Word for word, set down the records and skip each picture.

(Data entries)
***
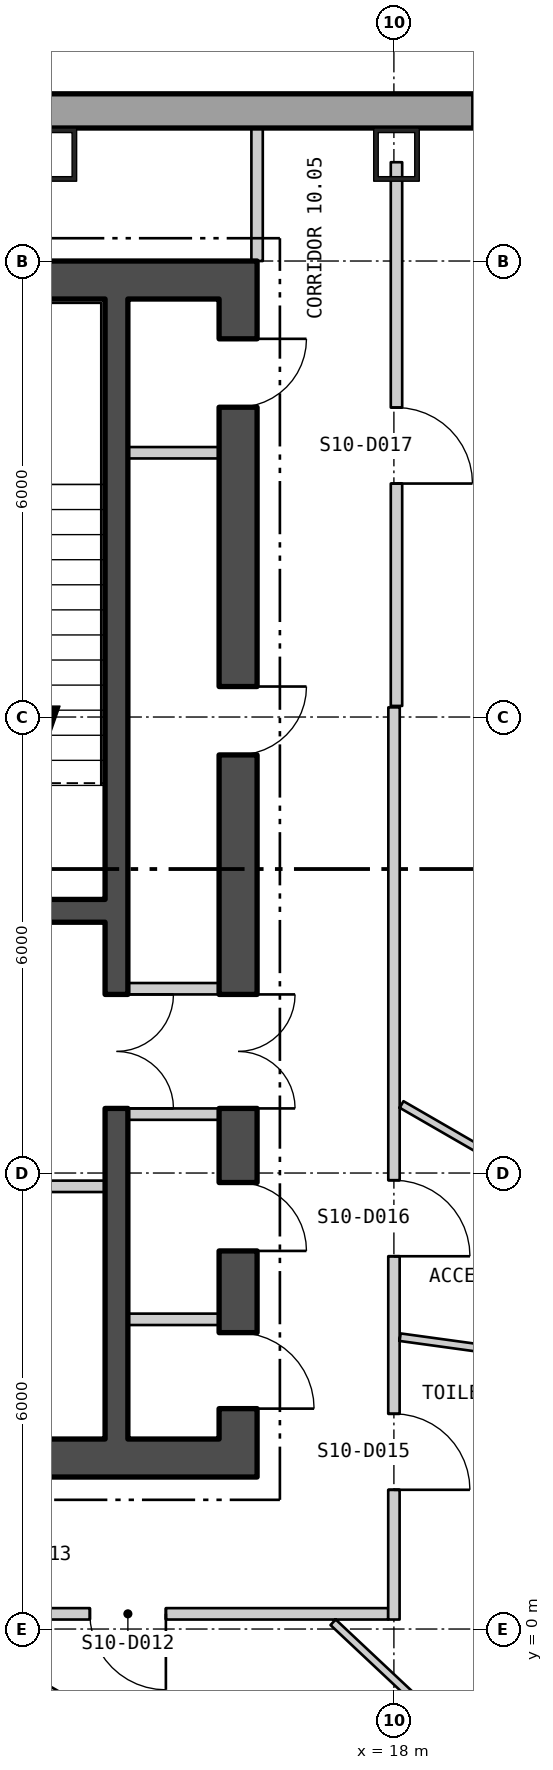
"""IFC4 building model, lengths in metres.
Left out: names, types, materials, properties, quantities, classifications, styles, units other than length and angle.
Written with IfcOpenShell. Run it as: python <this file> out.ifc"""

import sys

from ifc_helpers import new_model, si_unit, direction, frame, frame_2d, origin, origin_2d, place, context, subcontext, project, spatial, polyline, rectangle, hollow_rectangle, outline, extrude, element, fill, save


model = new_model("IFC4")
c1 = context("Model", 3, precision=1e-05, world=origin(), true_north=direction((0.0, 1.0)))
c2 = subcontext(c1, "Body", "Model", "MODEL_VIEW")
j1 = project(units=[si_unit("LENGTHUNIT", "METRE"), si_unit("PLANEANGLEUNIT", "RADIAN")], contexts=[c1])
p1 = place(None, origin())
s1 = spatial("IfcSite", under=j1, at=p1, CompositionType="ELEMENT")
p2 = place(p1, origin())
s2 = spatial("IfcBuilding", under=s1, at=p2, CompositionType="ELEMENT")
p3 = place(p2, frame((0.0, 0.0, 139.8)))
s3 = spatial("IfcBuildingStorey", under=s2, at=p3, CompositionType="ELEMENT", Elevation=139.8)
for number, where, z_axis, x_axis in (
    (1, (18.034, 19.4, 0.0), (0.0, 0.0, 1.0), (-1.0, 0.0, 0.0)),
    (2, (13.526, 19.4, 0.0), (0.0, 0.0, 1.0), (-1.0, 0.0, 0.0)),
):
    element("IfcColumn", number, at=place(p3, frame(where, z_axis=z_axis, x_axis=x_axis)), inside=s3, PredefinedType="COLUMN", context=c2, shape_type="SweptSolid", body=[
        extrude(hollow_rectangle(XDim=0.6, YDim=0.7, WallThickness=0.06, at=origin_2d()), origin(), (0.0, 0.0, 1.0), 3.9),
    ])
p4 = place(p3, frame((22.875, 19.975, -0.4), z_axis=(0.0, 0.0, 1.0), x_axis=(-1.0, 0.0, 0.0)))
e3 = element("IfcWall", 3, at=p4, inside=s3, PredefinedType="SOLIDWALL", context=c2, shape_type="SweptSolid", body=[
    extrude(outline(polyline([(-0.13, -0.225), (45.88, -0.225), (45.62, 0.225), (0.13, 0.225), (-0.13, -0.225)])), origin(), (0.0, 0.0, 1.0), 3.9),
])
p5 = place(p4, frame((1.425, 0.0, 1.3)))
e4 = element("IfcOpeningElement", 4, at=p5, cuts=e3, PredefinedType="OPENING", context=c2, shape_type="SweptSolid", body=[
    extrude(rectangle(XDim=2.4, YDim=2.0, at=frame_2d((1.2, 1.0))), frame((0.0, 0.235, 0.0), z_axis=(0.0, -1.0, 0.0), x_axis=(1.0, 0.0, 0.0)), (0.0, 0.0, 1.0), 0.47),
])
p6 = place(p4, frame((10.403, 0.0, 1.3)))
e5 = element("IfcOpeningElement", 5, at=p6, cuts=e3, PredefinedType="OPENING", context=c2, shape_type="SweptSolid", body=[
    extrude(rectangle(XDim=2.4, YDim=2.0, at=frame_2d((1.2, 1.0))), frame((0.0, 0.235, 0.0), z_axis=(0.0, -1.0, 0.0), x_axis=(1.0, 0.0, 0.0)), (0.0, 0.0, 1.0), 0.47),
])
p7 = place(p4, frame((14.912, 0.0, 1.3)))
e6 = element("IfcOpeningElement", 6, at=p7, cuts=e3, PredefinedType="OPENING", context=c2, shape_type="SweptSolid", body=[
    extrude(rectangle(XDim=2.4, YDim=2.0, at=frame_2d((1.2, 1.0))), frame((0.0, 0.235, 0.0), z_axis=(0.0, -1.0, 0.0), x_axis=(1.0, 0.0, 0.0)), (0.0, 0.0, 1.0), 0.47),
])
p8 = place(p4, frame((19.421, 0.0, 1.3)))
e7 = element("IfcOpeningElement", 7, at=p8, cuts=e3, PredefinedType="OPENING", context=c2, shape_type="SweptSolid", body=[
    extrude(rectangle(XDim=2.4, YDim=2.0, at=frame_2d((1.2, 1.0))), frame((0.0, 0.235, 0.0), z_axis=(0.0, -1.0, 0.0), x_axis=(1.0, 0.0, 0.0)), (0.0, 0.0, 1.0), 0.47),
])
p9 = place(p4, frame((23.929, 0.0, 1.3)))
e8 = element("IfcOpeningElement", 8, at=p9, cuts=e3, PredefinedType="OPENING", context=c2, shape_type="SweptSolid", body=[
    extrude(rectangle(XDim=2.4, YDim=2.0, at=frame_2d((1.2, 1.0))), frame((0.0, 0.235, 0.0), z_axis=(0.0, -1.0, 0.0), x_axis=(1.0, 0.0, 0.0)), (0.0, 0.0, 1.0), 0.47),
])
p10 = place(p4, frame((28.438, 0.0, 1.3)))
e9 = element("IfcOpeningElement", 9, at=p10, cuts=e3, PredefinedType="OPENING", context=c2, shape_type="SweptSolid", body=[
    extrude(rectangle(XDim=2.4, YDim=2.0, at=frame_2d((1.2, 1.0))), frame((0.0, 0.235, 0.0), z_axis=(0.0, -1.0, 0.0), x_axis=(1.0, 0.0, 0.0)), (0.0, 0.0, 1.0), 0.47),
])
p11 = place(p4, frame((32.947, 0.0, 1.3)))
e10 = element("IfcOpeningElement", 10, at=p11, cuts=e3, PredefinedType="OPENING", context=c2, shape_type="SweptSolid", body=[
    extrude(rectangle(XDim=2.4, YDim=2.0, at=frame_2d((1.2, 1.0))), frame((0.0, 0.235, 0.0), z_axis=(0.0, -1.0, 0.0), x_axis=(1.0, 0.0, 0.0)), (0.0, 0.0, 1.0), 0.47),
])
p12 = place(p4, frame((37.455, 0.0, 1.3)))
e11 = element("IfcOpeningElement", 11, at=p12, cuts=e3, PredefinedType="OPENING", context=c2, shape_type="SweptSolid", body=[
    extrude(rectangle(XDim=2.4, YDim=2.0, at=frame_2d((1.2, 1.0))), frame((0.0, 0.235, 0.0), z_axis=(0.0, -1.0, 0.0), x_axis=(1.0, 0.0, 0.0)), (0.0, 0.0, 1.0), 0.47),
])
p13 = place(p4, frame((41.925, 0.0, 1.3)))
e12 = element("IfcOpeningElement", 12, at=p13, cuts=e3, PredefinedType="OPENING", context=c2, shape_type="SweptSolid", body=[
***
:: Finished exercise ::
"""IFC4 building model, lengths in metres.
Left out: names, types, materials, properties, quantities, classifications, styles, units other than length and angle.
Written with IfcOpenShell. Run it as: python <this file> out.ifc"""

import sys

from ifc_helpers import new_model, si_unit, direction, frame, frame_2d, origin, origin_2d, place, context, subcontext, project, spatial, polyline, rectangle, hollow_rectangle, outline, extrude, element, fill, save


model = new_model("IFC4")
c1 = context("Model", 3, precision=1e-05, world=origin(), true_north=direction((0.0, 1.0)))
c2 = subcontext(c1, "Body", "Model", "MODEL_VIEW")
j1 = project(units=[si_unit("LENGTHUNIT", "METRE"), si_unit("PLANEANGLEUNIT", "RADIAN")], contexts=[c1])
p1 = place(None, origin())
s1 = spatial("IfcSite", under=j1, at=p1, CompositionType="ELEMENT")
p2 = place(p1, origin())
s2 = spatial("IfcBuilding", under=s1, at=p2, CompositionType="ELEMENT")
p3 = place(p2, frame((0.0, 0.0, 139.8)))
s3 = spatial("IfcBuildingStorey", under=s2, at=p3, CompositionType="ELEMENT", Elevation=139.8)
for number, where, z_axis, x_axis in (
    (1, (18.034, 19.4, 0.0), (0.0, 0.0, 1.0), (-1.0, 0.0, 0.0)),
    (2, (13.526, 19.4, 0.0), (0.0, 0.0, 1.0), (-1.0, 0.0, 0.0)),
):
    element("IfcColumn", number, at=place(p3, frame(where, z_axis=z_axis, x_axis=x_axis)), inside=s3, PredefinedType="COLUMN", context=c2, shape_type="SweptSolid", body=[
        extrude(hollow_rectangle(XDim=0.6, YDim=0.7, WallThickness=0.06, at=origin_2d()), origin(), (0.0, 0.0, 1.0), 3.9),
    ])
p4 = place(p3, frame((22.875, 19.975, -0.4), z_axis=(0.0, 0.0, 1.0), x_axis=(-1.0, 0.0, 0.0)))
e3 = element("IfcWall", 3, at=p4, inside=s3, PredefinedType="SOLIDWALL", context=c2, shape_type="SweptSolid", body=[
    extrude(outline(polyline([(-0.13, -0.225), (45.88, -0.225), (45.62, 0.225), (0.13, 0.225), (-0.13, -0.225)])), origin(), (0.0, 0.0, 1.0), 3.9),
])
p5 = place(p4, frame((1.425, 0.0, 1.3)))
e4 = element("IfcOpeningElement", 4, at=p5, cuts=e3, PredefinedType="OPENING", context=c2, shape_type="SweptSolid", body=[
    extrude(rectangle(XDim=2.4, YDim=2.0, at=frame_2d((1.2, 1.0))), frame((0.0, 0.235, 0.0), z_axis=(0.0, -1.0, 0.0), x_axis=(1.0, 0.0, 0.0)), (0.0, 0.0, 1.0), 0.47),
])
p6 = place(p4, frame((10.403, 0.0, 1.3)))
e5 = element("IfcOpeningElement", 5, at=p6, cuts=e3, PredefinedType="OPENING", context=c2, shape_type="SweptSolid", body=[
    extrude(rectangle(XDim=2.4, YDim=2.0, at=frame_2d((1.2, 1.0))), frame((0.0, 0.235, 0.0), z_axis=(0.0, -1.0, 0.0), x_axis=(1.0, 0.0, 0.0)), (0.0, 0.0, 1.0), 0.47),
])
p7 = place(p4, frame((14.912, 0.0, 1.3)))
e6 = element("IfcOpeningElement", 6, at=p7, cuts=e3, PredefinedType="OPENING", context=c2, shape_type="SweptSolid", body=[
    extrude(rectangle(XDim=2.4, YDim=2.0, at=frame_2d((1.2, 1.0))), frame((0.0, 0.235, 0.0), z_axis=(0.0, -1.0, 0.0), x_axis=(1.0, 0.0, 0.0)), (0.0, 0.0, 1.0), 0.47),
])
p8 = place(p4, frame((19.421, 0.0, 1.3)))
e7 = element("IfcOpeningElement", 7, at=p8, cuts=e3, PredefinedType="OPENING", context=c2, shape_type="SweptSolid", body=[
    extrude(rectangle(XDim=2.4, YDim=2.0, at=frame_2d((1.2, 1.0))), frame((0.0, 0.235, 0.0), z_axis=(0.0, -1.0, 0.0), x_axis=(1.0, 0.0, 0.0)), (0.0, 0.0, 1.0), 0.47),
])
p9 = place(p4, frame((23.929, 0.0, 1.3)))
e8 = element("IfcOpeningElement", 8, at=p9, cuts=e3, PredefinedType="OPENING", context=c2, shape_type="SweptSolid", body=[
    extrude(rectangle(XDim=2.4, YDim=2.0, at=frame_2d((1.2, 1.0))), frame((0.0, 0.235, 0.0), z_axis=(0.0, -1.0, 0.0), x_axis=(1.0, 0.0, 0.0)), (0.0, 0.0, 1.0), 0.47),
])
p10 = place(p4, frame((28.438, 0.0, 1.3)))
e9 = element("IfcOpeningElement", 9, at=p10, cuts=e3, PredefinedType="OPENING", context=c2, shape_type="SweptSolid", body=[
    extrude(rectangle(XDim=2.4, YDim=2.0, at=frame_2d((1.2, 1.0))), frame((0.0, 0.235, 0.0), z_axis=(0.0, -1.0, 0.0), x_axis=(1.0, 0.0, 0.0)), (0.0, 0.0, 1.0), 0.47),
])
p11 = place(p4, frame((32.947, 0.0, 1.3)))
e10 = element("IfcOpeningElement", 10, at=p11, cuts=e3, PredefinedType="OPENING", context=c2, shape_type="SweptSolid", body=[
    extrude(rectangle(XDim=2.4, YDim=2.0, at=frame_2d((1.2, 1.0))), frame((0.0, 0.235, 0.0), z_axis=(0.0, -1.0, 0.0), x_axis=(1.0, 0.0, 0.0)), (0.0, 0.0, 1.0), 0.47),
])
p12 = place(p4, frame((37.455, 0.0, 1.3)))
e11 = element("IfcOpeningElement", 11, at=p12, cuts=e3, PredefinedType="OPENING", context=c2, shape_type="SweptSolid", body=[
    extrude(rectangle(XDim=2.4, YDim=2.0, at=frame_2d((1.2, 1.0))), frame((0.0, 0.235, 0.0), z_axis=(0.0, -1.0, 0.0), x_axis=(1.0, 0.0, 0.0)), (0.0, 0.0, 1.0), 0.47),
])
p13 = place(p4, frame((41.925, 0.0, 1.3)))
e12 = element("IfcOpeningElement", 12, at=p13, cuts=e3, PredefinedType="OPENING", context=c2, shape_type="SweptSolid", body=[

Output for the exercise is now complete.